--- Available data ---
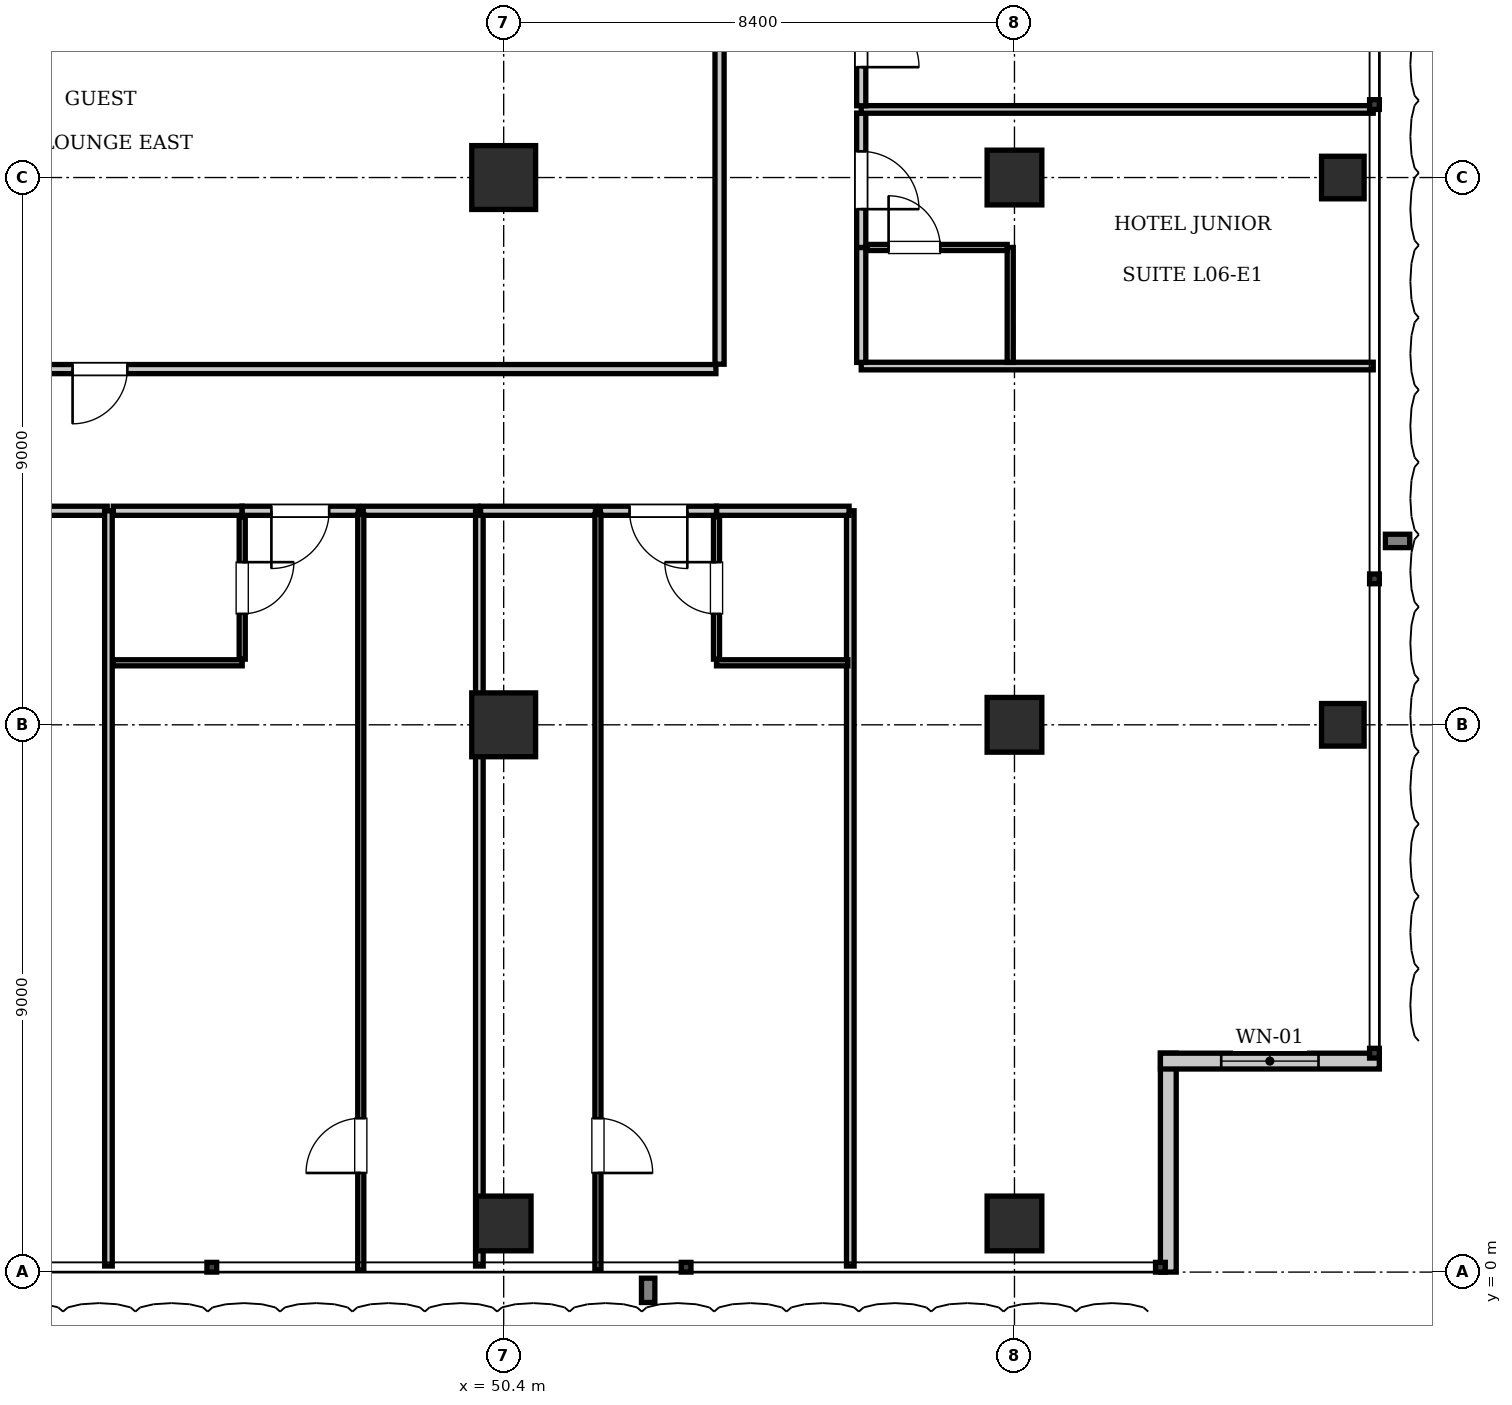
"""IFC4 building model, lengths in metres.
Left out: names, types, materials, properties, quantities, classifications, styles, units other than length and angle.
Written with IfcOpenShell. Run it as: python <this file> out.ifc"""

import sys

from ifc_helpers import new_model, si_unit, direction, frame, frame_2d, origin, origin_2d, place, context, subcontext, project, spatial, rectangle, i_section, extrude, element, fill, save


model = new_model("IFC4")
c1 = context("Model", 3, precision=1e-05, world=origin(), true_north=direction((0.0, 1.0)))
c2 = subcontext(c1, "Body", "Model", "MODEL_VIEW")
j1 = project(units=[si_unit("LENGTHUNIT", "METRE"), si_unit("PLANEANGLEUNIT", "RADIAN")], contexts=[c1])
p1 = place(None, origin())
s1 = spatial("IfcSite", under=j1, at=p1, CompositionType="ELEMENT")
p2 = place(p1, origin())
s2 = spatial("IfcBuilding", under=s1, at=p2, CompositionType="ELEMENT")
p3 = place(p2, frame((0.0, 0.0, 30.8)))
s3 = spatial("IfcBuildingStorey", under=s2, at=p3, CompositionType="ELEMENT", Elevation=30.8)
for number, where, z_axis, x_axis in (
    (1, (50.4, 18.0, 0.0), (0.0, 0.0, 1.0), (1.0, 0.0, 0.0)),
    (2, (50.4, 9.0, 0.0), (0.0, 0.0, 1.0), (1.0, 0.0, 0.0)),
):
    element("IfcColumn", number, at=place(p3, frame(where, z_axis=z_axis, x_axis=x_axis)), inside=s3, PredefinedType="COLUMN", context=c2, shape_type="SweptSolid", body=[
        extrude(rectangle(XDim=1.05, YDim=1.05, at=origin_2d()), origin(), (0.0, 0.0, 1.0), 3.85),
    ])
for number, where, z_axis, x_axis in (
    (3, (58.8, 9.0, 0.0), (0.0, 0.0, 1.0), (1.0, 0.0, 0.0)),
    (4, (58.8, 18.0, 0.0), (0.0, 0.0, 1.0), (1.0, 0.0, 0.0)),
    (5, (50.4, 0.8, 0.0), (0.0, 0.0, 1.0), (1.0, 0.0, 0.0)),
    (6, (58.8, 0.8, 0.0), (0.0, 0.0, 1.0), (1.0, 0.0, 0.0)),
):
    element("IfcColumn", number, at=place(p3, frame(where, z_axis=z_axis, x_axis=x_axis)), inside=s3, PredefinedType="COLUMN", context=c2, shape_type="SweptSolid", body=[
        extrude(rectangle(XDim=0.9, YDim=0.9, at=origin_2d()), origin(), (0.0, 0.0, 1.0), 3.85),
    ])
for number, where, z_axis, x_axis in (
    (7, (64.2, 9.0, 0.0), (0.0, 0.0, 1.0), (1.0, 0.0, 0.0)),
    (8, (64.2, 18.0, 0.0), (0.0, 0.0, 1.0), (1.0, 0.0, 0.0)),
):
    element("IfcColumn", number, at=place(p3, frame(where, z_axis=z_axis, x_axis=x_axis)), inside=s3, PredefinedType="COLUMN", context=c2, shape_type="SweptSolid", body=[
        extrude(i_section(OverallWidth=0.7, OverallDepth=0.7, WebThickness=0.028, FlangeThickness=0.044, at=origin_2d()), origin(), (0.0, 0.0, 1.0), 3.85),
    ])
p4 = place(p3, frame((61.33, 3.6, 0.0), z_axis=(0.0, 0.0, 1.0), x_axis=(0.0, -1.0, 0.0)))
---
**What you are asked to do**
Every line that holds the word "under" should be copied from the records.

**Written response**
s1 = spatial("IfcSite", under=j1, at=p1, CompositionType="ELEMENT")
s2 = spatial("IfcBuilding", under=s1, at=p2, CompositionType="ELEMENT")
s3 = spatial("IfcBuildingStorey", under=s2, at=p3, CompositionType="ELEMENT", Elevation=30.8)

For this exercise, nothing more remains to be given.